Stored data

BEGIN

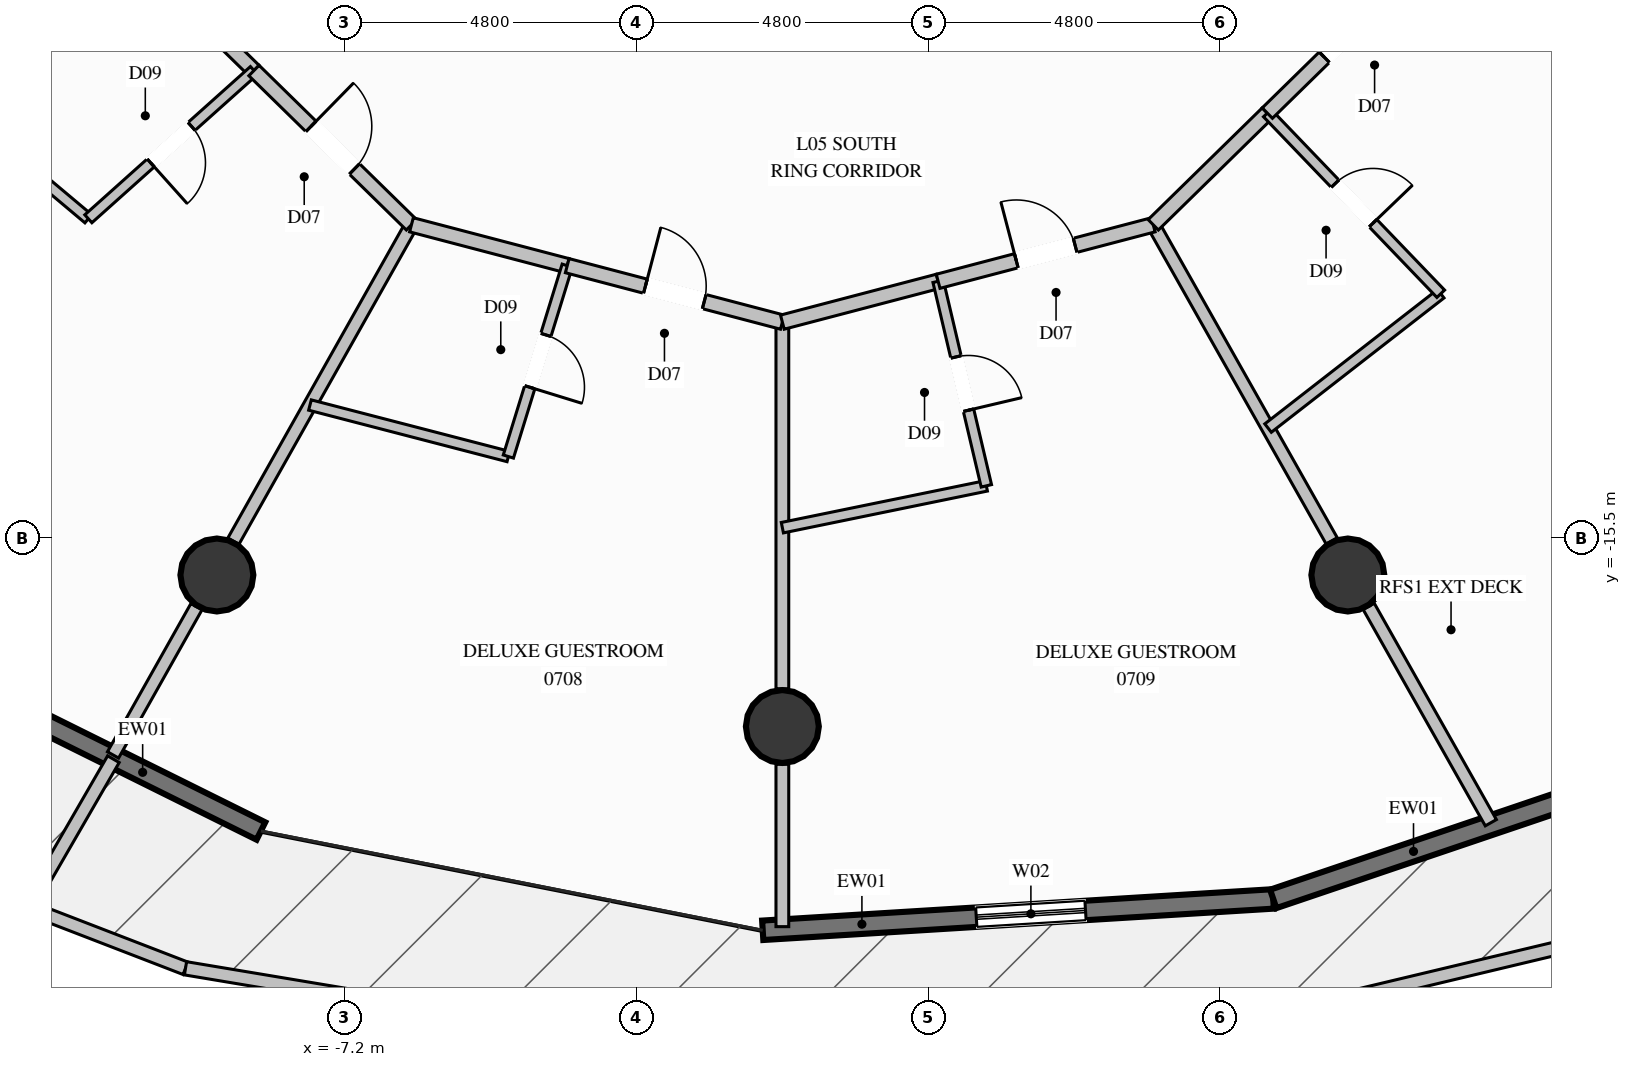
"""IFC4 building model, lengths in metres.
Left out: names, types, materials, properties, quantities, classifications, styles, units other than length and angle.
Written with IfcOpenShell. Run it as: python <this file> out.ifc"""

import sys

from ifc_helpers import new_model, si_unit, direction, frame, frame_2d, origin, origin_2d, place, context, subcontext, project, spatial, rectangle, circle, extrude, element, fill, save


model = new_model("IFC4")
c1 = context("Model", 3, precision=1e-05, world=origin(), true_north=direction((0.0, 1.0)))
c2 = subcontext(c1, "Body", "Model", "MODEL_VIEW")
j1 = project(units=[si_unit("LENGTHUNIT", "METRE"), si_unit("PLANEANGLEUNIT", "RADIAN")], contexts=[c1])
p1 = place(None, origin())
s1 = spatial("IfcSite", under=j1, at=p1, CompositionType="ELEMENT")
p2 = place(p1, origin())
s2 = spatial("IfcBuilding", under=s1, at=p2, CompositionType="ELEMENT")
p3 = place(p2, frame((0.0, 0.0, 28.4)))
s3 = spatial("IfcBuildingStorey", under=s2, at=p3, CompositionType="ELEMENT", Elevation=28.4)
for number, where, z_axis, x_axis in (
    (1, (-9.3, -16.108, 0.0), (0.0, 0.0, 1.0), (1.0, 0.0, 0.0)),
    (2, (0.0, -18.6, 0.0), (0.0, 0.0, 1.0), (1.0, 0.0, 0.0)),
    (3, (9.3, -16.108, 0.0), (0.0, 0.0, 1.0), (1.0, 0.0, 0.0)),
):
    element("IfcColumn", number, at=place(p3, frame(where, z_axis=z_axis, x_axis=x_axis)), inside=s3, PredefinedType="COLUMN", context=c2, shape_type="SweptSolid", body=[
        extrude(circle(Radius=0.6, at=origin_2d()), origin(), (0.0, 0.0, 1.0), 3.6),
    ])
p4 = place(p3, frame((-8.576, -20.318, 0.0), z_axis=(0.0, 0.0, 1.0), x_axis=(-0.895818759339, 0.444419565743, 0.0)))
e4 = element("IfcWall", 4, at=p4, inside=s3, PredefinedType="SOLIDWALL", context=c2, shape_type="SweptSolid", body=[
    extrude(rectangle(XDim=8.15, YDim=0.32, at=frame_2d((4.075, 0.0))), origin(), (0.0, 0.0, 1.0), 3.34),
])
p5 = place(p4, frame((4.592, 0.0, 0.35)))
e5 = element("IfcOpeningElement", 5, at=p5, cuts=e4, PredefinedType="OPENING", context=c2, shape_type="SweptSolid", body=[
    extrude(rectangle(XDim=1.8, YDim=2.6, at=frame_2d((0.9, 1.3))), frame((0.0, 0.17, 0.0), z_axis=(0.0, -1.0, 0.0), x_axis=(1.0, 0.0, 0.0)), (0.0, 0.0, 1.0), 0.34),
])
p6 = place(p3, frame((8.073, -21.435, 0.0), z_axis=(0.0, 0.0, 1.0), x_axis=(-0.998117750792, -0.06132663005, 0.0)))
e6 = element("IfcWall", 6, at=p6, inside=s3, PredefinedType="SOLIDWALL", context=c2, shape_type="SweptSolid", body=[
    extrude(rectangle(XDim=8.412, YDim=0.32, at=frame_2d((4.206, 0.0))), origin(), (0.0, 0.0, 1.0), 3.34),
])
p7 = place(p6, frame((3.093, 0.0, 0.35)))
e7 = element("IfcOpeningElement", 7, at=p7, cuts=e6, PredefinedType="OPENING", context=c2, shape_type="SweptSolid", body=[
    extrude(rectangle(XDim=1.8, YDim=2.6, at=frame_2d((0.9, 1.3))), frame((0.0, 0.17, 0.0), z_axis=(0.0, -1.0, 0.0), x_axis=(1.0, 0.0, 0.0)), (0.0, 0.0, 1.0), 0.34),
])
p8 = place(p3, frame((15.793, -18.821, 0.0), z_axis=(0.0, 0.0, 1.0), x_axis=(-0.94717495877, -0.320717317085, 0.0)))
e8 = element("IfcWall", 8, at=p8, inside=s3, PredefinedType="SOLIDWALL", context=c2, shape_type="SweptSolid", body=[
    extrude(rectangle(XDim=8.151, YDim=0.32, at=frame_2d((4.075, 0.0))), origin(), (0.0, 0.0, 1.0), 3.34),
])
p9 = place(p8, frame((1.229, 0.0, 0.35)))
e9 = element("IfcOpeningElement", 9, at=p9, cuts=e8, PredefinedType="OPENING", context=c2, shape_type="SweptSolid", body=[
    extrude(rectangle(XDim=1.8, YDim=2.6, at=frame_2d((0.9, 1.3))), frame((0.0, 0.17, 0.0), z_axis=(0.0, -1.0, 0.0), x_axis=(1.0, 0.0, 0.0)), (0.0, 0.0, 1.0), 0.34),
])
p10 = place(p3, frame((-11.002, -19.137, 0.0), z_axis=(0.0, 0.0, 1.0), x_axis=(-0.500102771102, -0.86596606073, 0.0)))
e10 = element("IfcWall", 10, at=p10, inside=s3, PredefinedType="PARAPET", context=c2, shape_type="SweptSolid", body=[
    extrude(rectangle(XDim=2.815, YDim=0.22, at=frame_2d((1.408, 0.0))), origin(), (0.0, 0.0, 1.0), 1.15),
])
p11 = place(p3, frame((-12.41, -21.575, 0.0), z_axis=(0.0, 0.0, 1.0), x_axis=(0.932949001639, -0.360008555927, 0.0)))
e11 = element("IfcWall", 11, at=p11, inside=s3, PredefinedType="PARAPET", context=c2, shape_type="SweptSolid", body=[
    extrude(rectangle(XDim=2.781, YDim=0.22, at=frame_2d((1.39, 0.0))), origin(), (0.0, 0.0, 1.0), 1.15),
])
p12 = place(p3, frame((-9.816, -22.576, 0.0), z_axis=(0.0, 0.0, 1.0), x_axis=(0.98635584135, -0.164627319226, 0.0)))
e12 = element("IfcWall", 12, at=p12, inside=s3, PredefinedType="PARAPET", context=c2, shape_type="SweptSolid", body=[
    extrude(rectangle(XDim=8.323, YDim=0.22, at=frame_2d((4.161, 0.0))), origin(), (0.0, 0.0, 1.0), 1.15),
])
p13 = place(p3, frame((6.711, -23.685, 0.0), z_axis=(0.0, 0.0, 1.0), x_axis=(0.972686482299, 0.232122827727, 0.0)))
e13 = element("IfcWall", 13, at=p13, inside=s3, PredefinedType="PARAPET", context=c2, shape_type="SweptSolid", body=[
    extrude(rectangle(XDim=8.082, YDim=0.22, at=frame_2d((4.041, 0.0))), origin(), (0.0, 0.0, 1.0), 1.15),
])
p14 = place(p3, frame((-10.566, -5.975, 0.0), z_axis=(0.0, 0.0, 1.0), x_axis=(-0.861473203585, -0.507803032194, 0.0)))
e14 = element("IfcWall", 14, at=p14, inside=s3, PredefinedType="PARTITIONING", context=c2, shape_type="SweptSolid", body=[
    extrude(rectangle(XDim=5.845, YDim=0.21, at=frame_2d((2.922, 0.0))), origin(), (0.0, 0.0, 1.0), 2.708),
])
p15 = place(p3, frame((-6.1, -10.349, 0.0), z_axis=(0.0, 0.0, 1.0), x_axis=(-0.490503945764, -0.871438970433, 0.0)))
e15 = element("IfcWall", 15, at=p15, inside=s3, PredefinedType="PARTITIONING", context=c2, shape_type="SweptSolid", body=[
    extrude(rectangle(XDim=5.969, YDim=0.21, at=frame_2d((2.985, 0.0))), origin(), (0.0, 0.0, 1.0), 2.708),
])
p16 = place(p3, frame((-9.636, -16.629, 0.0), z_axis=(0.0, 0.0, 1.0), x_axis=(-0.490451821351, -0.871468307475, 0.0)))
e16 = element("IfcWall", 16, at=p16, inside=s3, PredefinedType="PARTITIONING", context=c2, shape_type="SweptSolid", body=[
    extrude(rectangle(XDim=2.798, YDim=0.21, at=frame_2d((1.399, 0.0))), origin(), (0.0, 0.0, 1.0), 3.34),
])
p17 = place(p3, frame((0.0, -11.95, 0.0), z_axis=(0.0, 0.0, 1.0), x_axis=(0.0, -1.0, 0.0)))
e17 = element("IfcWall", 17, at=p17, inside=s3, PredefinedType="PARTITIONING", context=c2, shape_type="SweptSolid", body=[
    extrude(rectangle(XDim=6.03, YDim=0.21, at=frame_2d((3.015, 0.0))), origin(), (0.0, 0.0, 1.0), 2.708),
])
p18 = place(p3, frame((0.0, -19.22, 0.0), z_axis=(0.0, 0.0, 1.0), x_axis=(0.0, -1.0, 0.0)))
e18 = element("IfcWall", 18, at=p18, inside=s3, PredefinedType="PARTITIONING", context=c2, shape_type="SweptSolid", body=[
    extrude(rectangle(XDim=2.671, YDim=0.21, at=frame_2d((1.335, 0.0))), origin(), (0.0, 0.0, 1.0), 3.34),
])
p19 = place(p3, frame((6.1, -10.349, 0.0), z_axis=(0.0, 0.0, 1.0), x_axis=(0.491652896219, -0.870791266401, 0.0)))
e19 = element("IfcWall", 19, at=p19, inside=s3, PredefinedType="PARTITIONING", context=c2, shape_type="SweptSolid", body=[
    extrude(rectangle(XDim=5.969, YDim=0.21, at=frame_2d((2.985, 0.0))), origin(), (0.0, 0.0, 1.0), 2.708),
])
p20 = place(p3, frame((9.643, -16.624, 0.0), z_axis=(0.0, 0.0, 1.0), x_axis=(0.491698874435, -0.87076530528, 0.0)))
e20 = element("IfcWall", 20, at=p20, inside=s3, PredefinedType="PARTITIONING", context=c2, shape_type="SweptSolid", body=[
    extrude(rectangle(XDim=4.086, YDim=0.21, at=frame_2d((2.043, 0.0))), origin(), (0.0, 0.0, 1.0), 3.34),
])
p21 = place(p3, frame((10.566, -5.975, 0.0), z_axis=(0.0, 0.0, 1.0), x_axis=(0.862217531027, -0.506538181374, 0.0)))
e21 = element("IfcWall", 21, at=p21, inside=s3, PredefinedType="PARTITIONING", context=c2, shape_type="SweptSolid", body=[
    extrude(rectangle(XDim=5.845, YDim=0.21, at=frame_2d((2.923, 0.0))), origin(), (0.0, 0.0, 1.0), 2.708),
])
p22 = place(p3, frame((-10.566, -5.975, 0.0), z_axis=(0.0, 0.0, 1.0), x_axis=(0.714506552913, -0.699628748584, 0.0)))
e22 = element("IfcWall", 22, at=p22, inside=s3, PredefinedType="PARTITIONING", context=c2, shape_type="SweptSolid", body=[
    extrude(rectangle(XDim=2.625, YDim=0.24, at=frame_2d((1.313, 0.0))), origin(), (0.0, 0.0, 1.0), 3.34),
])
p23 = place(p3, frame((-14.055, -8.032, 0.0), z_axis=(0.0, 0.0, 1.0), x_axis=(0.765749489357, -0.643138958196, 0.0)))
e23 = element("IfcWall", 23, at=p23, inside=s3, PredefinedType="PLUMBINGWALL", context=c2, shape_type="SweptSolid", body=[
    extrude(rectangle(XDim=3.449, YDim=0.175, at=frame_2d((1.724, 0.0))), origin(), (0.0, 0.0, 1.0), 3.34),
])
p24 = place(p3, frame((-8.69, -7.812, 0.0), z_axis=(0.0, 0.0, 1.0), x_axis=(-0.745157470099, -0.666888554975, 0.0)))
e24 = element("IfcWall", 24, at=p24, inside=s3, PredefinedType="PLUMBINGWALL", context=c2, shape_type="SweptSolid", body=[
    extrude(rectangle(XDim=3.656, YDim=0.175, at=frame_2d((1.828, 0.0))), origin(), (0.0, 0.0, 1.0), 3.34),
])
p25 = place(p24, frame((1.378, 0.0, 0.0)))
e25 = element("IfcOpeningElement", 25, at=p25, cuts=e24, PredefinedType="OPENING", context=c2, shape_type="SweptSolid", body=[
    extrude(rectangle(XDim=0.9, YDim=2.1, at=frame_2d((0.45, 1.05))), frame((0.0, 0.098, 0.0), z_axis=(0.0, -1.0, 0.0), x_axis=(1.0, 0.0, 0.0)), (0.0, 0.0, 1.0), 0.195),
])
p26 = place(p3, frame((-8.69, -7.812, 0.0), z_axis=(0.0, 0.0, 1.0), x_axis=(0.714342093268, -0.699796666029, 0.0)))
e26 = element("IfcWall", 26, at=p26, inside=s3, PredefinedType="PARTITIONING", context=c2, shape_type="SweptSolid", body=[
    extrude(rectangle(XDim=3.625, YDim=0.24, at=frame_2d((1.813, 0.0))), origin(), (0.0, 0.0, 1.0), 3.34),
])
p27 = place(p26, frame((1.313, 0.0, 0.0)))
e27 = element("IfcOpeningElement", 27, at=p27, cuts=e26, PredefinedType="OPENING", context=c2, shape_type="SweptSolid", body=[
    extrude(rectangle(XDim=1.0, YDim=2.2, at=frame_2d((0.5, 1.1))), frame((0.0, 0.13, 0.0), z_axis=(0.0, -1.0, 0.0), x_axis=(1.0, 0.0, 0.0)), (0.0, 0.0, 1.0), 0.26),
])
p28 = place(p3, frame((-6.1, -10.349, 0.0), z_axis=(0.0, 0.0, 1.0), x_axis=(0.967291490053, -0.253667446219, 0.0)))
e28 = element("IfcWall", 28, at=p28, inside=s3, PredefinedType="PARTITIONING", context=c2, shape_type="SweptSolid", body=[
    extrude(rectangle(XDim=2.649, YDim=0.24, at=frame_2d((1.324, 0.0))), origin(), (0.0, 0.0, 1.0), 3.34),
])
p29 = place(p3, frame((-7.769, -13.313, 0.0), z_axis=(0.0, 0.0, 1.0), x_axis=(0.96792648556, -0.251233593596, 0.0)))
e29 = element("IfcWall", 29, at=p29, inside=s3, PredefinedType="PLUMBINGWALL", context=c2, shape_type="SweptSolid", body=[
    extrude(rectangle(XDim=3.371, YDim=0.175, at=frame_2d((1.686, 0.0))), origin(), (0.0, 0.0, 1.0), 3.34),
])
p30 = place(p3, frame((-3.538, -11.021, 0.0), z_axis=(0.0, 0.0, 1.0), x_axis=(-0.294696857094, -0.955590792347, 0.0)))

END

Problem to work on
Your task is to return each line of the data above that contains the string "PLUMBINGWALL".

Written solution
e23 = element("IfcWall", 23, at=p23, inside=s3, PredefinedType="PLUMBINGWALL", context=c2, shape_type="SweptSolid", body=[
e24 = element("IfcWall", 24, at=p24, inside=s3, PredefinedType="PLUMBINGWALL", context=c2, shape_type="SweptSolid", body=[
e29 = element("IfcWall", 29, at=p29, inside=s3, PredefinedType="PLUMBINGWALL", context=c2, shape_type="SweptSolid", body=[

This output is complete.